How to complete this task:
Each line from the first line of the entries through the line holding "p3 = place(p2, frame((0.0, 0.0, 143.2)))" is to be restated word for word; nothing else, and no picture, belongs in the answer.

Dataset records:
□ □ □ □ □ □ □

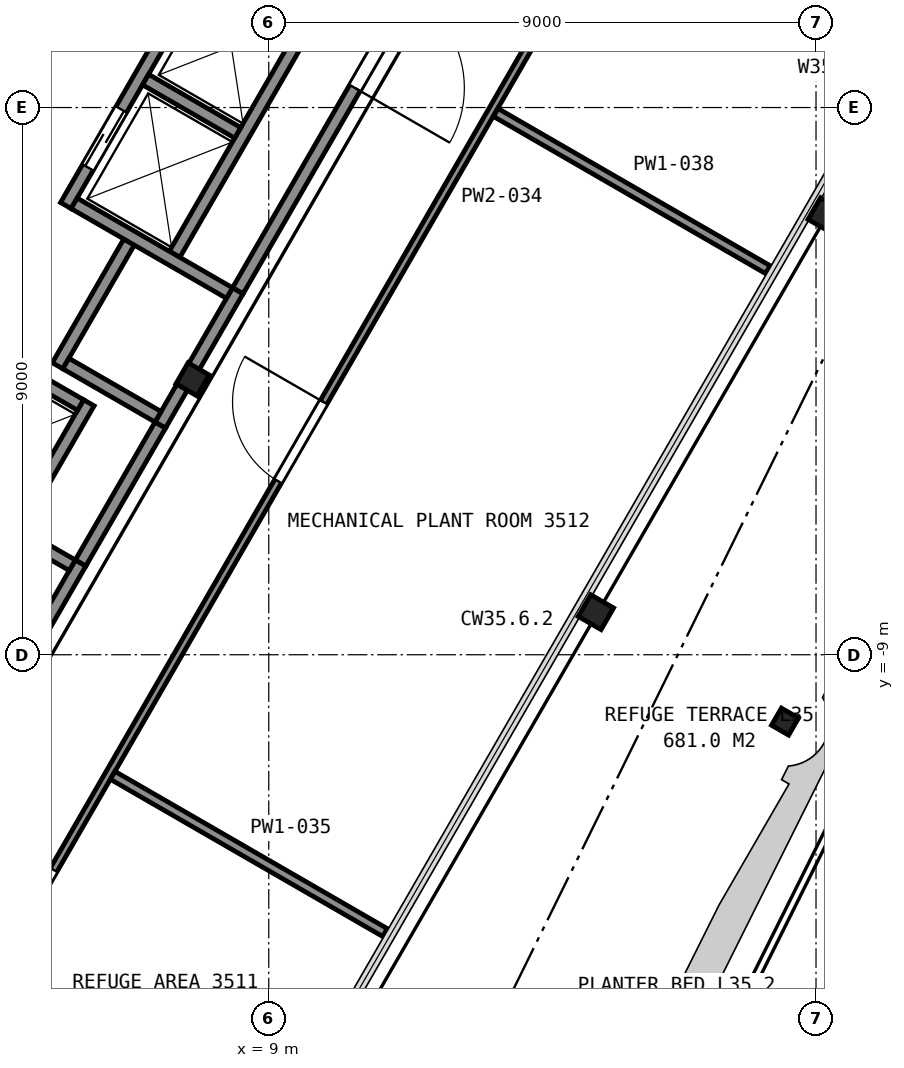
"""IFC4 building model, lengths in metres.
Left out: names, types, materials, properties, quantities, classifications, styles, units other than length and angle.
Written with IfcOpenShell. Run it as: python <this file> out.ifc"""

import sys

from ifc_helpers import new_model, si_unit, direction, frame, frame_2d, origin, origin_2d, place, context, subcontext, project, spatial, rectangle, hollow_circle, i_section, extrude, element, fill, save


model = new_model("IFC4")
c1 = context("Model", 3, precision=1e-05, world=origin(), true_north=direction((0.0, 1.0)))
c2 = subcontext(c1, "Body", "Model", "MODEL_VIEW")
j1 = project(units=[si_unit("LENGTHUNIT", "METRE"), si_unit("PLANEANGLEUNIT", "RADIAN")], contexts=[c1])
p1 = place(None, origin())
s1 = spatial("IfcSite", under=j1, at=p1, CompositionType="ELEMENT")
p2 = place(p1, origin())
s2 = spatial("IfcBuilding", under=s1, at=p2, CompositionType="ELEMENT")
p3 = place(p2, frame((0.0, 0.0, 143.2)))
s3 = spatial("IfcBuildingStorey", under=s2, at=p3, CompositionType="ELEMENT", Elevation=143.2)
for number, where, z_axis, x_axis in (
    (1, (14.38, -8.3, -0.16), (0.0, 0.0, 1.0), (-0.5, -0.866, 0.0)),
    (2, (18.16, -1.77, -0.16), (0.0, 0.0, 1.0), (-0.5, -0.866, 0.0)),
):
    element("IfcColumn", number, at=place(p3, frame(where, z_axis=z_axis, x_axis=x_axis)), inside=s3, PredefinedType="COLUMN", context=c2, shape_type="SweptSolid", body=[
        extrude(i_section(OverallWidth=0.411, OverallDepth=0.434, WebThickness=0.036, FlangeThickness=0.057, FilletRadius=0.015, at=origin_2d()), origin(), (0.0, 0.0, 1.0), 5.76),
    ])
p4 = place(p3, frame((7.963, -4.596, 0.04), z_axis=(-0.18158785929, 0.104740603763, 0.97778078079), x_axis=(0.983190410974, 8.7292444e-05, 0.182583154064)))
e3 = element("IfcColumn", 3, at=p4, inside=s3, PredefinedType="COLUMN", context=c2, shape_type="SweptSolid", body=[
    extrude(i_section(OverallWidth=0.401, OverallDepth=0.399, WebThickness=0.025, FlangeThickness=0.04, FilletRadius=0.015, at=origin_2d()), origin(), (0.0, 0.0, 1.0), 5.646),
])
p5 = place(p3, frame((17.49, -10.1, -0.73), z_axis=(0.0, 0.0, 1.0), x_axis=(-0.5, -0.866025403784, 0.0)))
e4 = element("IfcColumn", 4, at=p5, inside=s3, PredefinedType="COLUMN", context=c2, shape_type="SweptSolid", body=[
    extrude(hollow_circle(Radius=0.163, WallThickness=0.013, at=origin_2d()), origin(), (0.0, 0.0, 1.0), 5.17),
])
p6 = place(p3, frame((4.63, -9.7, 0.0), z_axis=(0.0, 0.0, 1.0), x_axis=(0.500062241894, 0.865989465428, 0.0)))
e5 = element("IfcWall", 5, at=p6, inside=s3, PredefinedType="PARTITIONING", context=c2, shape_type="SweptSolid", body=[
    extrude(rectangle(XDim=2.55, YDim=0.2, at=frame_2d((1.275, 0.0))), origin(), (0.0, 0.0, 1.0), 5.35),
])
p7 = place(p3, frame((7.216, -5.222, 0.0), z_axis=(0.0, 0.0, 1.0), x_axis=(0.499990435942, 0.866030925526, 0.0)))
e6 = element("IfcWall", 6, at=p7, inside=s3, PredefinedType="PARTITIONING", context=c2, shape_type="SweptSolid", body=[
    extrude(rectangle(XDim=2.55, YDim=0.2, at=frame_2d((1.275, 0.0))), origin(), (0.0, 0.0, 1.0), 4.697),
])
p8 = place(p3, frame((4.866, -6.891, 0.0), z_axis=(0.0, 0.0, 1.0), x_axis=(0.500016218704, 0.866016039709, 0.0)))
e7 = element("IfcWall", 7, at=p8, inside=s3, PredefinedType="PARTITIONING", context=c2, shape_type="SweptSolid", body=[
    extrude(rectangle(XDim=2.35, YDim=0.2, at=frame_2d((1.175, 0.0))), origin(), (0.0, 0.0, 1.0), 5.6),
])
p9 = place(p3, frame((7.451, -2.414, 0.0), z_axis=(0.0, 0.0, 1.0), x_axis=(0.500016218704, 0.866016039709, 0.0)))
e8 = element("IfcWall", 8, at=p9, inside=s3, PredefinedType="PARTITIONING", context=c2, shape_type="SweptSolid", body=[
    extrude(rectangle(XDim=4.7, YDim=0.2, at=frame_2d((2.35, 0.0))), origin(), (0.0, 0.0, 1.0), 5.6),
])
p10 = place(p3, frame((5.527, -4.247, 0.0), z_axis=(0.0, 0.0, 1.0), x_axis=(0.499938297808, 0.866061024631, 0.0)))
e9 = element("IfcWall", 9, at=p10, inside=s3, PredefinedType="PARTITIONING", context=c2, shape_type="SweptSolid", body=[
    extrude(rectangle(XDim=2.35, YDim=0.2, at=frame_2d((1.175, 0.0))), origin(), (0.0, 0.0, 1.0), 5.35),
])
p11 = place(p3, frame((5.663, -1.612, 0.0), z_axis=(0.0, 0.0, 1.0), x_axis=(0.49998122708, 0.866036242063, 0.0)))
e10 = element("IfcWall", 10, at=p11, inside=s3, PredefinedType="PARTITIONING", context=c2, shape_type="SweptSolid", body=[
    extrude(rectangle(XDim=4.9, YDim=0.2, at=frame_2d((2.45, 0.0))), origin(), (0.0, 0.0, 1.0), 5.6),
])
p12 = place(p11, frame((3.075, 0.0, 0.0)))
e11 = element("IfcOpeningElement", 11, at=p12, cuts=e10, PredefinedType="OPENING", context=c2, shape_type="SweptSolid", body=[
    extrude(rectangle(XDim=1.1, YDim=2.1, at=frame_2d((0.55, 1.05))), frame((0.0, 0.11, 0.0), z_axis=(0.0, -1.0, 0.0), x_axis=(1.0, 0.0, 0.0)), (0.0, 0.0, 1.0), 0.22),
])
p13 = place(p11, frame((0.725, 0.0, 0.0)))
e12 = element("IfcOpeningElement", 12, at=p13, cuts=e10, PredefinedType="OPENING", context=c2, shape_type="SweptSolid", body=[
    extrude(rectangle(XDim=1.1, YDim=2.1, at=frame_2d((0.55, 1.05))), frame((0.0, 0.11, 0.0), z_axis=(0.0, -1.0, 0.0), x_axis=(1.0, 0.0, 0.0)), (0.0, 0.0, 1.0), 0.22),
])
p14 = place(p3, frame((8.49, -0.416, 0.0), z_axis=(0.0, 0.0, 1.0), x_axis=(-0.866036909293, 0.499980071345, 0.0)))
e13 = element("IfcWall", 13, at=p14, inside=s3, PredefinedType="PARTITIONING", context=c2, shape_type="SweptSolid", body=[
    extrude(rectangle(XDim=1.75, YDim=0.2, at=frame_2d((0.875, 0.0))), origin(), (0.0, 0.0, 1.0), 5.6),
])
p15 = place(p3, frame((8.354, -3.051, 0.0), z_axis=(0.0, 0.0, 1.0), x_axis=(-0.866060182126, 0.499939757307, 0.0)))
e14 = element("IfcWall", 14, at=p15, inside=s3, PredefinedType="PARTITIONING", context=c2, shape_type="SweptSolid", body=[
    extrude(rectangle(XDim=2.95, YDim=0.2, at=frame_2d((1.475, 0.0))), origin(), (0.0, 0.0, 1.0), 4.733),
])
p16 = place(p3, frame((7.179, -5.086, 0.0), z_axis=(0.0, 0.0, 1.0), x_axis=(-0.866036909293, 0.499980071345, 0.0)))
e15 = element("IfcWall", 15, at=p16, inside=s3, PredefinedType="PARTITIONING", context=c2, shape_type="SweptSolid", body=[
    extrude(rectangle(XDim=1.75, YDim=0.2, at=frame_2d((0.875, 0.0))), origin(), (0.0, 0.0, 1.0), 4.733),
])
p17 = place(p3, frame((5.905, -4.893, 0.0), z_axis=(0.0, 0.0, 1.0), x_axis=(-0.866002029911, 0.500040482552, 0.0)))
e16 = element("IfcWall", 16, at=p17, inside=s3, PredefinedType="PARTITIONING", context=c2, shape_type="SweptSolid", body=[
    extrude(rectangle(XDim=1.75, YDim=0.2, at=frame_2d((0.875, 0.0))), origin(), (0.0, 0.0, 1.0), 5.6),
])
p18 = place(p3, frame((5.769, -7.528, 0.0), z_axis=(0.0, 0.0, 1.0), x_axis=(-0.866003658127, 0.500037662692, 0.0)))
e17 = element("IfcWall", 17, at=p18, inside=s3, PredefinedType="PARTITIONING", context=c2, shape_type="SweptSolid", body=[
    extrude(rectangle(XDim=2.95, YDim=0.2, at=frame_2d((1.475, 0.0))), origin(), (0.0, 0.0, 1.0), 4.733),
])
p19 = place(p3, frame((5.906, -7.49, 0.0), z_axis=(0.0, 0.0, 1.0), x_axis=(0.500252727967, 0.865879442048, 0.0)))
e18 = element("IfcWall", 18, at=p19, inside=s3, PredefinedType="PARTITIONING", context=c2, shape_type="SweptSolid", body=[
    extrude(rectangle(XDim=2.617, YDim=0.2, at=frame_2d((1.309, 0.0))), origin(), (0.0, 0.0, 1.0), 5.35),
])
p20 = place(p3, frame((8.492, -3.012, 0.0), z_axis=(0.0, 0.0, 1.0), x_axis=(0.499972957231, 0.866041016371, 0.0)))
e19 = element("IfcWall", 19, at=p20, inside=s3, PredefinedType="PARTITIONING", context=c2, shape_type="SweptSolid", body=[
    extrude(rectangle(XDim=10.349, YDim=0.2, at=frame_2d((5.174, 0.0))), origin(), (0.0, 0.0, 1.0), 4.697),
])
p21 = place(p20, frame((3.85, 0.0, 0.0)))
e20 = element("IfcOpeningElement", 20, at=p21, cuts=e19, PredefinedType="OPENING", context=c2, shape_type="SweptSolid", body=[
    extrude(rectangle(XDim=1.8, YDim=2.1, at=frame_2d((0.9, 1.05))), frame((0.0, 0.11, 0.0), z_axis=(0.0, -1.0, 0.0), x_axis=(1.0, 0.0, 0.0)), (0.0, 0.0, 1.0), 0.22),
])
p22 = place(p3, frame((15.684, 5.165, 0.0), z_axis=(0.0, 0.0, 1.0), x_axis=(-0.500027787016, -0.866009360349, 0.0)))
e21 = element("IfcWall", 21, at=p22, inside=s3, PredefinedType="PARTITIONING", context=c2, shape_type="SweptSolid", body=[
    extrude(rectangle(XDim=23.856, YDim=0.125, at=frame_2d((11.928, 0.0))), origin(), (0.0, 0.0, 1.0), 4.262),
])
p23 = place(p22, frame((20.443, 0.0, 0.0)))
e22 = element("IfcOpeningElement", 22, at=p23, cuts=e21, PredefinedType="OPENING", context=c2, shape_type="SweptSolid", body=[
    extrude(rectangle(XDim=1.5, YDim=2.1, at=frame_2d((0.75, 1.05))), frame((0.0, 0.073, 0.0), z_axis=(0.0, -1.0, 0.0), x_axis=(1.0, 0.0, 0.0)), (0.0, 0.0, 1.0), 0.145),
])
p24 = place(p22, frame((11.56, 0.0, 0.0)))
e23 = element("IfcOpeningElement", 23, at=p24, cuts=e21, PredefinedType="OPENING", context=c2, shape_type="SweptSolid", body=[
    extrude(rectangle(XDim=1.5, YDim=2.1, at=frame_2d((0.75, 1.05))), frame((0.0, 0.073, 0.0), z_axis=(0.0, -1.0, 0.0), x_axis=(1.0, 0.0, 0.0)), (0.0, 0.0, 1.0), 0.145),
])
p25 = place(p22, frame((2.27, 0.0, 0.0)))
e24 = element("IfcOpeningElement", 24, at=p25, cuts=e21, PredefinedType="OPENING", context=c2, shape_type="SweptSolid", body=[
    extrude(rectangle(XDim=1.5, YDim=2.1, at=frame_2d((0.75, 1.05))), frame((0.0, 0.073, 0.0), z_axis=(0.0, -1.0, 0.0), x_axis=(1.0, 0.0, 0.0)), (0.0, 0.0, 1.0), 0.145),
])
p26 = place(p3, frame((6.433, -10.983, 0.0), z_axis=(0.0, 0.0, 1.0), x_axis=(0.866006353889, -0.500032993936, 0.0)))
e25 = element("IfcWall", 25, at=p26, inside=s3, PredefinedType="PARTITIONING", context=c2, shape_type="SweptSolid", body=[
    extrude(rectangle(XDim=5.172, YDim=0.15, at=frame_2d((2.586, 0.0))), origin(), (0.0, 0.0, 1.0), 4.262),
])
p27 = place(p3, frame((12.732, -0.082, 0.0), z_axis=(0.0, 0.0, 1.0), x_axis=(0.865989662226, -0.500061901086, 0.0)))
e26 = element("IfcWall", 26, at=p27, inside=s3, PredefinedType="PARTITIONING", context=c2, shape_type="SweptSolid", body=[
    extrude(rectangle(XDim=5.167, YDim=0.15, at=frame_2d((2.583, 0.0))), origin(), (0.0, 0.0, 1.0), 4.262),
])
p28 = place(p13, origin())
e27 = element("IfcDoor", 27, at=p28, inside=s3, OperationType="SLIDING_TO_LEFT", PredefinedType="DOOR", context=c2, shape_type="SweptSolid", body=[
    extrude(rectangle(XDim=1.1, YDim=2.1, at=frame_2d((0.55, 1.05))), frame((0.0, 0.025, 0.0), z_axis=(0.0, -1.0, 0.0), x_axis=(1.0, 0.0, 0.0)), (0.0, 0.0, 1.0), 0.05),
])
fill(e12, e27)
p29 = place(p21, origin())
e28 = element("IfcDoor", 28, at=p29, inside=s3, OperationType="DOUBLE_DOOR_SINGLE_SWING", PredefinedType="DOOR", context=c2, shape_type="SweptSolid", body=[
    extrude(rectangle(XDim=1.8, YDim=2.1, at=frame_2d((0.9, 1.05))), frame((0.0, 0.025, 0.0), z_axis=(0.0, -1.0, 0.0), x_axis=(1.0, 0.0, 0.0)), (0.0, 0.0, 1.0), 0.05),
])
fill(e20, e28)
p30 = place(p23, origin())
e29 = element("IfcDoor", 29, at=p30, inside=s3, OperationType="DOUBLE_DOOR_SINGLE_SWING", PredefinedType="DOOR", context=c2, shape_type="SweptSolid", body=[
    extrude(rectangle(XDim=1.5, YDim=2.1, at=frame_2d((0.75, 1.05))), frame((0.0, 0.025, 0.0), z_axis=(0.0, -1.0, 0.0), x_axis=(1.0, 0.0, 0.0)), (0.0, 0.0, 1.0), 0.05),
])
fill(e22, e29)
p31 = place(p24, origin())
e30 = element("IfcDoor", 30, at=p31, inside=s3, OperationType="DOUBLE_DOOR_SINGLE_SWING", PredefinedType="DOOR", context=c2, shape_type="SweptSolid", body=[
    extrude(rectangle(XDim=1.5, YDim=2.1, at=frame_2d((0.75, 1.05))), frame((0.0, 0.025, 0.0), z_axis=(0.0, -1.0, 0.0), x_axis=(1.0, 0.0, 0.0)), (0.0, 0.0, 1.0), 0.05),
])
fill(e23, e30)
save(model, sys.argv[1])

□ □ □ □ □ □ □

Response to the exercise:
"""IFC4 building model, lengths in metres.
Left out: names, types, materials, properties, quantities, classifications, styles, units other than length and angle.
Written with IfcOpenShell. Run it as: python <this file> out.ifc"""

import sys

from ifc_helpers import new_model, si_unit, direction, frame, frame_2d, origin, origin_2d, place, context, subcontext, project, spatial, rectangle, hollow_circle, i_section, extrude, element, fill, save


model = new_model("IFC4")
c1 = context("Model", 3, precision=1e-05, world=origin(), true_north=direction((0.0, 1.0)))
c2 = subcontext(c1, "Body", "Model", "MODEL_VIEW")
j1 = project(units=[si_unit("LENGTHUNIT", "METRE"), si_unit("PLANEANGLEUNIT", "RADIAN")], contexts=[c1])
p1 = place(None, origin())
s1 = spatial("IfcSite", under=j1, at=p1, CompositionType="ELEMENT")
p2 = place(p1, origin())
s2 = spatial("IfcBuilding", under=s1, at=p2, CompositionType="ELEMENT")
p3 = place(p2, frame((0.0, 0.0, 143.2)))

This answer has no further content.